• Exercise
Among the records below, find each line containing the word "subcontext" and copy it.

• Working data
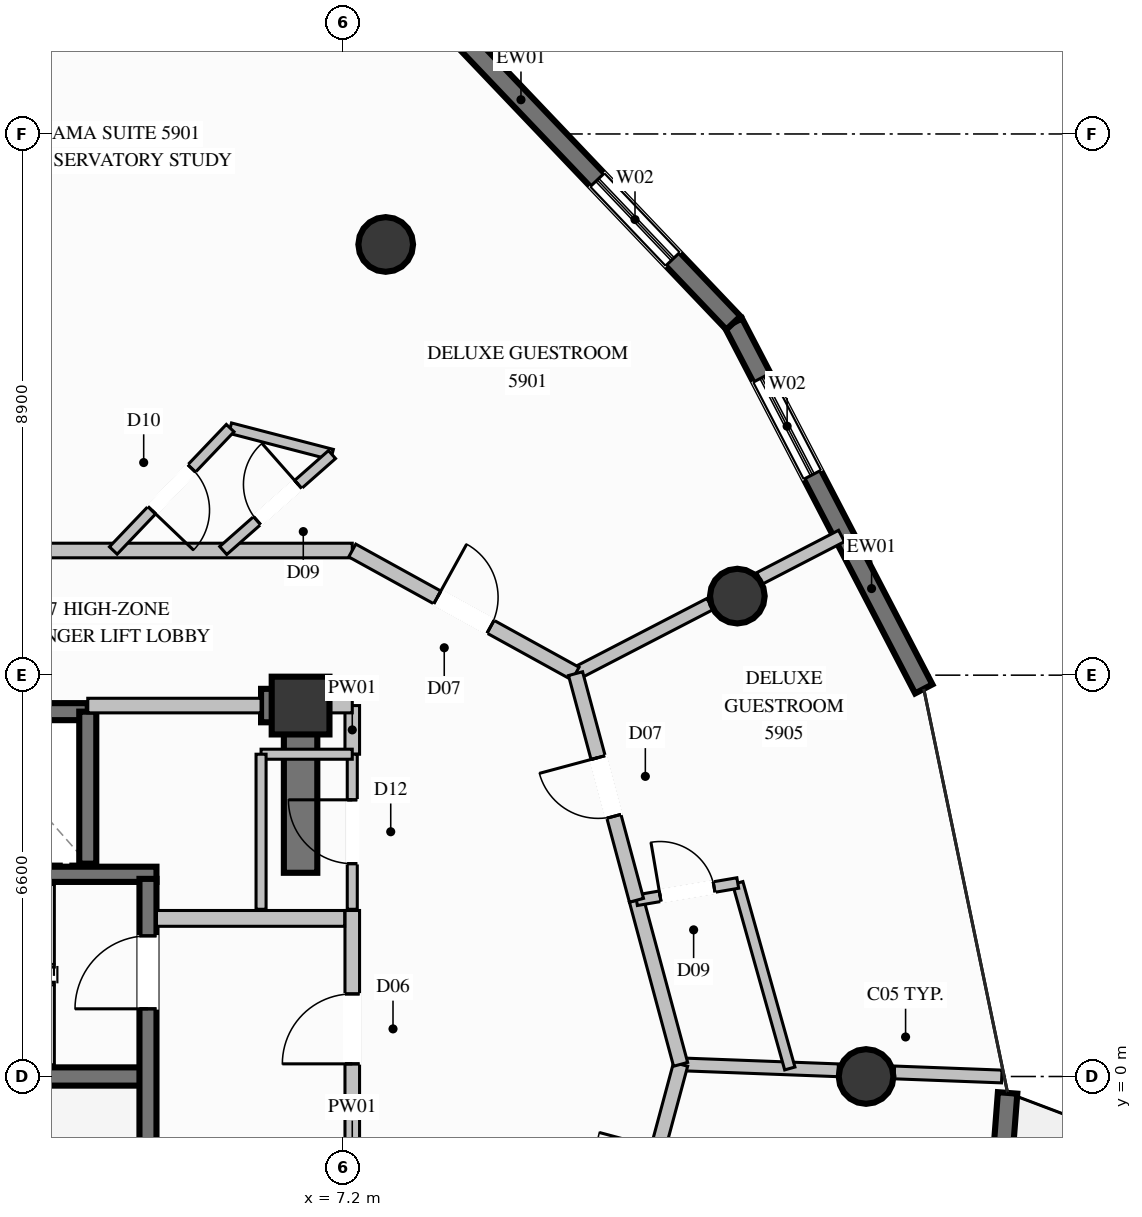
"""IFC4 building model, lengths in metres.
Left out: names, types, materials, properties, quantities, classifications, styles, units other than length and angle.
Written with IfcOpenShell. Run it as: python <this file> out.ifc"""

import sys

from ifc_helpers import new_model, si_unit, direction, frame, frame_2d, origin, origin_2d, place, context, subcontext, project, spatial, rectangle, circle, extrude, element, fill, save


model = new_model("IFC4")
c1 = context("Model", 3, precision=1e-05, world=origin(), true_north=direction((0.0, 1.0)))
c2 = subcontext(c1, "Body", "Model", "MODEL_VIEW")
j1 = project(units=[si_unit("LENGTHUNIT", "METRE"), si_unit("PLANEANGLEUNIT", "RADIAN")], contexts=[c1])
p1 = place(None, origin())
s1 = spatial("IfcSite", under=j1, at=p1, CompositionType="ELEMENT")
p2 = place(p1, origin())
s2 = spatial("IfcBuilding", under=s1, at=p2, CompositionType="ELEMENT")
p3 = place(p2, frame((0.0, 0.0, 220.0)))
s3 = spatial("IfcBuildingStorey", under=s2, at=p3, CompositionType="ELEMENT", Elevation=220.0)
p4 = place(p3, frame((6.5, 6.1, 0.0), z_axis=(0.0, 0.0, 1.0), x_axis=(1.0, 0.0, 0.0)))
e1 = element("IfcColumn", 1, at=p4, inside=s3, PredefinedType="COLUMN", context=c2, shape_type="SweptSolid", body=[
    extrude(rectangle(XDim=0.95, YDim=0.95, at=origin_2d()), origin(), (0.0, 0.0, 1.0), 3.6),
])
p5 = place(p3, frame((-3.99, 0.0, 0.0), z_axis=(0.0, 0.0, 1.0), x_axis=(1.0, 0.0, 0.0)))
e2 = element("IfcWall", 2, at=p5, inside=s3, PredefinedType="SHEAR", context=c2, shape_type="SweptSolid", body=[
    extrude(rectangle(XDim=7.98, YDim=0.3, at=frame_2d((3.99, 0.0))), origin(), (0.0, 0.0, 1.0), 3.6),
])
p6 = place(p3, frame((-4.13, 3.325, 0.0), z_axis=(0.0, 0.0, 1.0), x_axis=(1.0, 0.0, 0.0)))
e3 = element("IfcWall", 3, at=p6, inside=s3, PredefinedType="SOLIDWALL", context=c2, shape_type="SweptSolid", body=[
    extrude(rectangle(XDim=8.26, YDim=0.25, at=frame_2d((4.13, 0.0))), origin(), (0.0, 0.0, 1.0), 3.6),
])
p7 = place(p3, frame((5.85, 6.1, 0.0), z_axis=(0.0, 0.0, 1.0), x_axis=(1.0, 0.0, 0.0)))
e4 = element("IfcWall", 4, at=p7, inside=s3, PredefinedType="SHEAR", context=c2, shape_type="SweptSolid", body=[
    extrude(rectangle(XDim=0.375, YDim=0.55, at=frame_2d((0.188, 0.0))), origin(), (0.0, 0.0, 1.0), 3.6),
])
p8 = place(p3, frame((6.5, 3.35, 0.0), z_axis=(0.0, 0.0, 1.0), x_axis=(0.0, 1.0, 0.0)))
e5 = element("IfcWall", 5, at=p8, inside=s3, PredefinedType="SHEAR", context=c2, shape_type="SweptSolid", body=[
    extrude(rectangle(XDim=3.025, YDim=0.55, at=frame_2d((1.512, 0.0))), origin(), (0.0, 0.0, 1.0), 3.6),
])
for number, where, z_axis, x_axis in (
    (6, (15.8, 0.0, 0.0), (0.0, 0.0, 1.0), (1.0, 0.0, 0.0)),
    (7, (13.683, 7.9, 0.0), (0.0, 0.0, 1.0), (1.0, 0.0, 0.0)),
    (8, (7.9, 13.683, 0.0), (0.0, 0.0, 1.0), (1.0, 0.0, 0.0)),
):
    element("IfcColumn", number, at=place(p3, frame(where, z_axis=z_axis, x_axis=x_axis)), inside=s3, PredefinedType="COLUMN", context=c2, shape_type="SweptSolid", body=[
        extrude(circle(Radius=0.45, at=origin_2d()), origin(), (0.0, 0.0, 1.0), 3.6),
    ])
p9 = place(p3, frame((18.128, -0.27, 0.0), z_axis=(0.0, 0.0, 1.0), x_axis=(-0.076702125221, -0.997054052691, 0.0)))
e9 = element("IfcWall", 9, at=p9, inside=s3, PredefinedType="SOLIDWALL", context=c2, shape_type="SweptSolid", body=[
    extrude(rectangle(XDim=6.636, YDim=0.32, at=frame_2d((3.318, 0.0))), origin(), (0.0, 0.0, 1.0), 3.36),
])
p10 = place(p9, frame((2.518, 0.0, 0.0)))
e10 = element("IfcOpeningElement", 10, at=p10, cuts=e9, PredefinedType="OPENING", context=c2, shape_type="SweptSolid", body=[
    extrude(rectangle(XDim=1.6, YDim=2.3, at=frame_2d((0.8, 1.15))), frame((0.0, 0.17, 0.0), z_axis=(0.0, -1.0, 0.0), x_axis=(1.0, 0.0, 0.0)), (0.0, 0.0, 1.0), 0.34),
])
p11 = place(p3, frame((13.618, 12.393, 0.0), z_axis=(0.0, 0.0, 1.0), x_axis=(0.461492088822, -0.887144324197, 0.0)))
e11 = element("IfcWall", 11, at=p11, inside=s3, PredefinedType="SOLIDWALL", context=c2, shape_type="SweptSolid", body=[
    extrude(rectangle(XDim=6.785, YDim=0.32, at=frame_2d((3.392, 0.0))), origin(), (0.0, 0.0, 1.0), 3.36),
])
p12 = place(p11, frame((1.015, 0.0, 0.35)))
e12 = element("IfcOpeningElement", 12, at=p12, cuts=e11, PredefinedType="OPENING", context=c2, shape_type="SweptSolid", body=[
    extrude(rectangle(XDim=1.8, YDim=2.6, at=frame_2d((0.9, 1.3))), frame((0.0, 0.17, 0.0), z_axis=(0.0, -1.0, 0.0), x_axis=(1.0, 0.0, 0.0)), (0.0, 0.0, 1.0), 0.34),
])
p13 = place(p3, frame((9.042, 17.2, 0.0), z_axis=(0.0, 0.0, 1.0), x_axis=(0.689492567569, -0.724292757983, 0.0)))
e13 = element("IfcWall", 13, at=p13, inside=s3, PredefinedType="SOLIDWALL", context=c2, shape_type="SweptSolid", body=[
    extrude(rectangle(XDim=6.637, YDim=0.32, at=frame_2d((3.318, 0.0))), origin(), (0.0, 0.0, 1.0), 3.36),
])
p14 = place(p13, frame((3.39, 0.0, 0.35)))
e14 = element("IfcOpeningElement", 14, at=p14, cuts=e13, PredefinedType="OPENING", context=c2, shape_type="SweptSolid", body=[
    extrude(rectangle(XDim=1.8, YDim=2.6, at=frame_2d((0.9, 1.3))), frame((0.0, 0.17, 0.0), z_axis=(0.0, -1.0, 0.0), x_axis=(1.0, 0.0, 0.0)), (0.0, 0.0, 1.0), 0.34),
])
p15 = place(p3, frame((3.0, 6.0, 0.0), z_axis=(0.0, 0.0, 1.0), x_axis=(-1.0, 0.0, 0.0)))
e15 = element("IfcWall", 15, at=p15, inside=s3, PredefinedType="SOLIDWALL", context=c2, shape_type="SweptSolid", body=[
    extrude(rectangle(XDim=2.2, YDim=0.28, at=frame_2d((1.1, 0.0))), origin(), (0.0, 0.0, 1.0), 3.36),
])
p16 = place(p3, frame((3.0, 3.5, 0.0), z_axis=(0.0, 0.0, 1.0), x_axis=(0.0, 1.0, 0.0)))
e16 = element("IfcWall", 16, at=p16, inside=s3, PredefinedType="SOLIDWALL", context=c2, shape_type="SweptSolid", body=[
    extrude(rectangle(XDim=2.5, YDim=0.28, at=frame_2d((1.25, 0.0))), origin(), (0.0, 0.0, 1.0), 3.36),
])
p17 = place(p3, frame((3.99, -2.21, 0.0), z_axis=(0.0, 0.0, 1.0), x_axis=(0.0, 1.0, 0.0)))
e17 = element("IfcWall", 17, at=p17, inside=s3, PredefinedType="SOLIDWALL", context=c2, shape_type="SweptSolid", body=[
    extrude(rectangle(XDim=5.46, YDim=0.28, at=frame_2d((2.73, 0.0))), origin(), (0.0, 0.0, 1.0), 3.36),
])
p18 = place(p17, frame((3.323, 0.0, 0.0)))
e18 = element("IfcOpeningElement", 18, at=p18, cuts=e17, PredefinedType="OPENING", context=c2, shape_type="SweptSolid", body=[
    extrude(rectangle(XDim=1.2, YDim=2.2, at=frame_2d((0.6, 1.1))), frame((0.0, 0.15, 0.0), z_axis=(0.0, -1.0, 0.0), x_axis=(1.0, 0.0, 0.0)), (0.0, 0.0, 1.0), 0.3),
])
p19 = place(p3, frame((7.35, -2.34, 0.0), z_axis=(0.0, 0.0, 1.0), x_axis=(0.0, 1.0, 0.0)))
e19 = element("IfcWall", 19, at=p19, inside=s3, PredefinedType="PARTITIONING", context=c2, shape_type="SweptSolid", body=[
    extrude(rectangle(XDim=5.07, YDim=0.24, at=frame_2d((2.535, 0.0))), origin(), (0.0, 0.0, 1.0), 2.445),
])
p20 = place(p19, frame((2.548, 0.0, 0.0)))
e20 = element("IfcOpeningElement", 20, at=p20, cuts=e19, PredefinedType="OPENING", context=c2, shape_type="SweptSolid", body=[
    extrude(rectangle(XDim=1.15, YDim=2.2, at=frame_2d((0.575, 1.1))), frame((0.0, 0.13, 0.0), z_axis=(0.0, -1.0, 0.0), x_axis=(1.0, 0.0, 0.0)), (0.0, 0.0, 1.0), 0.26),
])
p21 = place(p3, frame((4.13, 2.6, 0.0), z_axis=(0.0, 0.0, 1.0), x_axis=(1.0, 0.0, 0.0)))
e21 = element("IfcWall", 21, at=p21, inside=s3, PredefinedType="PARTITIONING", context=c2, shape_type="SweptSolid", body=[
    extrude(rectangle(XDim=3.095, YDim=0.26, at=frame_2d((1.548, 0.0))), origin(), (0.0, 0.0, 1.0), 3.36),
])
p22 = place(p3, frame((-5.75, 8.65, 0.0), z_axis=(0.0, 0.0, 1.0), x_axis=(1.0, 0.0, 0.0)))
e22 = element("IfcWall", 22, at=p22, inside=s3, PredefinedType="PARTITIONING", context=c2, shape_type="SweptSolid", body=[
    extrude(rectangle(XDim=13.1, YDim=0.24, at=frame_2d((6.55, 0.0))), origin(), (0.0, 0.0, 1.0), 3.36),
])
p23 = place(p3, frame((3.0, 6.1, 0.0), z_axis=(0.0, 0.0, 1.0), x_axis=(1.0, 0.0, 0.0)))
e23 = element("IfcWall", 23, at=p23, inside=s3, PredefinedType="PARTITIONING", context=c2, shape_type="SweptSolid", body=[
    extrude(rectangle(XDim=2.85, YDim=0.24, at=frame_2d((1.425, 0.0))), origin(), (0.0, 0.0, 1.0), 2.445),
])
p24 = place(p3, frame((7.35, 5.3, 0.0), z_axis=(0.0, 0.0, 1.0), x_axis=(0.0, 1.0, 0.0)))
e24 = element("IfcWall", 24, at=p24, inside=s3, PredefinedType="PARTITIONING", context=c2, shape_type="SweptSolid", body=[
    extrude(rectangle(XDim=0.8, YDim=0.24, at=frame_2d((0.4, 0.0))), origin(), (0.0, 0.0, 1.0), 2.445),
])
p25 = place(p3, frame((6.5, 6.1, 0.0), z_axis=(0.0, 0.0, 1.0), x_axis=(1.0, 0.0, 0.0)))
e25 = element("IfcWall", 25, at=p25, inside=s3, PredefinedType="PARTITIONING", context=c2, shape_type="SweptSolid", body=[
    extrude(rectangle(XDim=0.85, YDim=0.24, at=frame_2d((0.425, 0.0))), origin(), (0.0, 0.0, 1.0), 2.877),
])
p26 = place(p3, frame((7.35, 2.75, 0.0), z_axis=(0.0, 0.0, 1.0), x_axis=(0.0, 1.0, 0.0)))
e26 = element("IfcWall", 26, at=p26, inside=s3, PredefinedType="PARTITIONING", context=c2, shape_type="SweptSolid", body=[
    extrude(rectangle(XDim=2.55, YDim=0.165, at=frame_2d((1.275, 0.0))), origin(), (0.0, 0.0, 1.0), 3.36),
])
p27 = place(p26, frame((0.75, 0.0, 0.0)))
e27 = element("IfcOpeningElement", 27, at=p27, cuts=e26, PredefinedType="OPENING", context=c2, shape_type="SweptSolid", body=[
    extrude(rectangle(XDim=1.05, YDim=2.15, at=frame_2d((0.525, 1.075))), frame((0.0, 0.093, 0.0), z_axis=(0.0, -1.0, 0.0), x_axis=(1.0, 0.0, 0.0)), (0.0, 0.0, 1.0), 0.185),
])
p28 = place(p3, frame((7.35, 5.3, 0.0), z_axis=(0.0, 0.0, 1.0), x_axis=(-1.0, 0.0, 0.0)))
e28 = element("IfcWall", 28, at=p28, inside=s3, PredefinedType="PARTITIONING", context=c2, shape_type="SweptSolid", body=[
    extrude(rectangle(XDim=1.5, YDim=0.165, at=frame_2d((0.75, 0.0))), origin(), (0.0, 0.0, 1.0), 2.445),
])
p29 = place(p3, frame((5.85, 5.3, 0.0), z_axis=(0.0, 0.0, 1.0), x_axis=(0.0, -1.0, 0.0)))
e29 = element("IfcWall", 29, at=p29, inside=s3, PredefinedType="PARTITIONING", context=c2, shape_type="SweptSolid", body=[
    extrude(rectangle(XDim=2.55, YDim=0.165, at=frame_2d((1.275, 0.0))), origin(), (0.0, 0.0, 1.0), 2.445),
])
p30 = place(p3, frame((12.75, 0.2, 0.0), z_axis=(0.0, 0.0, 1.0), x_axis=(0.999286953718, -0.037756908362, 0.0)))
e30 = element("IfcWall", 30, at=p30, inside=s3, PredefinedType="PARTITIONING", context=c2, shape_type="SweptSolid", body=[
    extrude(rectangle(XDim=2.593, YDim=0.21, at=frame_2d((1.296, 0.0))), origin(), (0.0, 0.0, 1.0), 3.36),
])
p31 = place(p3, frame((16.265, 0.067, 0.0), z_axis=(0.0, 0.0, 1.0), x_axis=(0.999284239873, -0.037828665616, 0.0)))
e31 = element("IfcWall", 31, at=p31, inside=s3, PredefinedType="PARTITIONING", context=c2, shape_type="SweptSolid", body=[
    extrude(rectangle(XDim=1.768, YDim=0.21, at=frame_2d((0.884, 0.0))), origin(), (0.0, 0.0, 1.0), 3.36),
])
p32 = place(p3, frame((11.022, 6.625, 0.0), z_axis=(0.0, 0.0, 1.0), x_axis=(0.88806021567, 0.459727150975, 0.0)))
e32 = element("IfcWall", 32, at=p32, inside=s3, PredefinedType="PARTITIONING", context=c2, shape_type="SweptSolid", body=[
    extrude(rectangle(XDim=2.489, YDim=0.21, at=frame_2d((1.244, 0.0))), origin(), (0.0, 0.0, 1.0), 2.877),
])
p33 = place(p3, frame((14.051, 8.193, 0.0), z_axis=(0.0, 0.0, 1.0), x_axis=(0.888183611241, 0.459488707939, 0.0)))
e33 = element("IfcWall", 33, at=p33, inside=s3, PredefinedType="PARTITIONING", context=c2, shape_type="SweptSolid", body=[
    extrude(rectangle(XDim=1.514, YDim=0.21, at=frame_2d((0.757, 0.0))), origin(), (0.0, 0.0, 1.0), 3.36),
])
p34 = place(p3, frame((5.342, 10.663, 0.0), z_axis=(0.0, 0.0, 1.0), x_axis=(0.967886377615, -0.251388066595, 0.0)))
e34 = element("IfcWall", 34, at=p34, inside=s3, PredefinedType="PLUMBINGWALL", context=c2, shape_type="SweptSolid", body=[
    extrude(rectangle(XDim=1.731, YDim=0.175, at=frame_2d((0.865, 0.0))), origin(), (0.0, 0.0, 1.0), 3.36),
])
p35 = place(p3, frame((5.342, 10.663, 0.0), z_axis=(0.0, 0.0, 1.0), x_axis=(-0.690559187333, -0.723275887051, 0.0)))
e35 = element("IfcWall", 35, at=p35, inside=s3, PredefinedType="PLUMBINGWALL", context=c2, shape_type="SweptSolid", body=[
    extrude(rectangle(XDim=2.783, YDim=0.175, at=frame_2d((1.392, 0.0))), origin(), (0.0, 0.0, 1.0), 3.36),
])
p36 = place(p35, frame((0.917, 0.0, 0.0)))
e36 = element("IfcOpeningElement", 36, at=p36, cuts=e35, PredefinedType="OPENING", context=c2, shape_type="SweptSolid", body=[
    extrude(rectangle(XDim=0.95, YDim=2.1, at=frame_2d((0.475, 1.05))), frame((0.0, 0.098, 0.0), z_axis=(0.0, -1.0, 0.0), x_axis=(1.0, 0.0, 0.0)), (0.0, 0.0, 1.0), 0.195),
])
p37 = place(p3, frame((5.228, 8.65, 0.0), z_axis=(0.0, 0.0, 1.0), x_axis=(0.749933416173, 0.66151331907, 0.0)))
e37 = element("IfcWall", 37, at=p37, inside=s3, PredefinedType="PLUMBINGWALL", context=c2, shape_type="SweptSolid", body=[
    extrude(rectangle(XDim=2.386, YDim=0.175, at=frame_2d((1.193, 0.0))), origin(), (0.0, 0.0, 1.0), 3.36),
])
p38 = place(p37, frame((0.743, 0.0, 0.0)))
e38 = element("IfcOpeningElement", 38, at=p38, cuts=e37, PredefinedType="OPENING", context=c2, shape_type="SweptSolid", body=[
    extrude(rectangle(XDim=0.9, YDim=2.1, at=frame_2d((0.45, 1.05))), frame((0.0, 0.098, 0.0), z_axis=(0.0, -1.0, 0.0), x_axis=(1.0, 0.0, 0.0)), (0.0, 0.0, 1.0), 0.195),
])
p39 = place(p3, frame((7.35, 8.65, 0.0), z_axis=(0.0, 0.0, 1.0), x_axis=(0.875674474849, -0.482901867979, 0.0)))
e39 = element("IfcWall", 39, at=p39, inside=s3, PredefinedType="PARTITIONING", context=c2, shape_type="SweptSolid", body=[
    extrude(rectangle(XDim=4.193, YDim=0.24, at=frame_2d((2.097, 0.0))), origin(), (0.0, 0.0, 1.0), 3.36),
])
p40 = place(p39, frame((1.597, 0.0, 0.0)))
e40 = element("IfcOpeningElement", 40, at=p40, cuts=e39, PredefinedType="OPENING", context=c2, shape_type="SweptSolid", body=[
    extrude(rectangle(XDim=1.0, YDim=2.2, at=frame_2d((0.5, 1.1))), frame((0.0, 0.13, 0.0), z_axis=(0.0, -1.0, 0.0), x_axis=(1.0, 0.0, 0.0)), (0.0, 0.0, 1.0), 0.26),
])
p41 = place(p3, frame((11.748, -3.526, 0.0), z_axis=(0.0, 0.0, 1.0), x_axis=(0.259694339612, 0.965690866672, 0.0)))
e41 = element("IfcWall", 41, at=p41, inside=s3, PredefinedType="PARTITIONING", context=c2, shape_type="SweptSolid", body=[
    extrude(rectangle(XDim=3.858, YDim=0.24, at=frame_2d((1.929, 0.0))), origin(), (0.0, 0.0, 1.0), 3.36),
])
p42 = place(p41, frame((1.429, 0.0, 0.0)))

• Exercise output
from ifc_helpers import new_model, si_unit, direction, frame, frame_2d, origin, origin_2d, place, context, subcontext, project, spatial, rectangle, circle, extrude, element, fill, save
c2 = subcontext(c1, "Body", "Model", "MODEL_VIEW")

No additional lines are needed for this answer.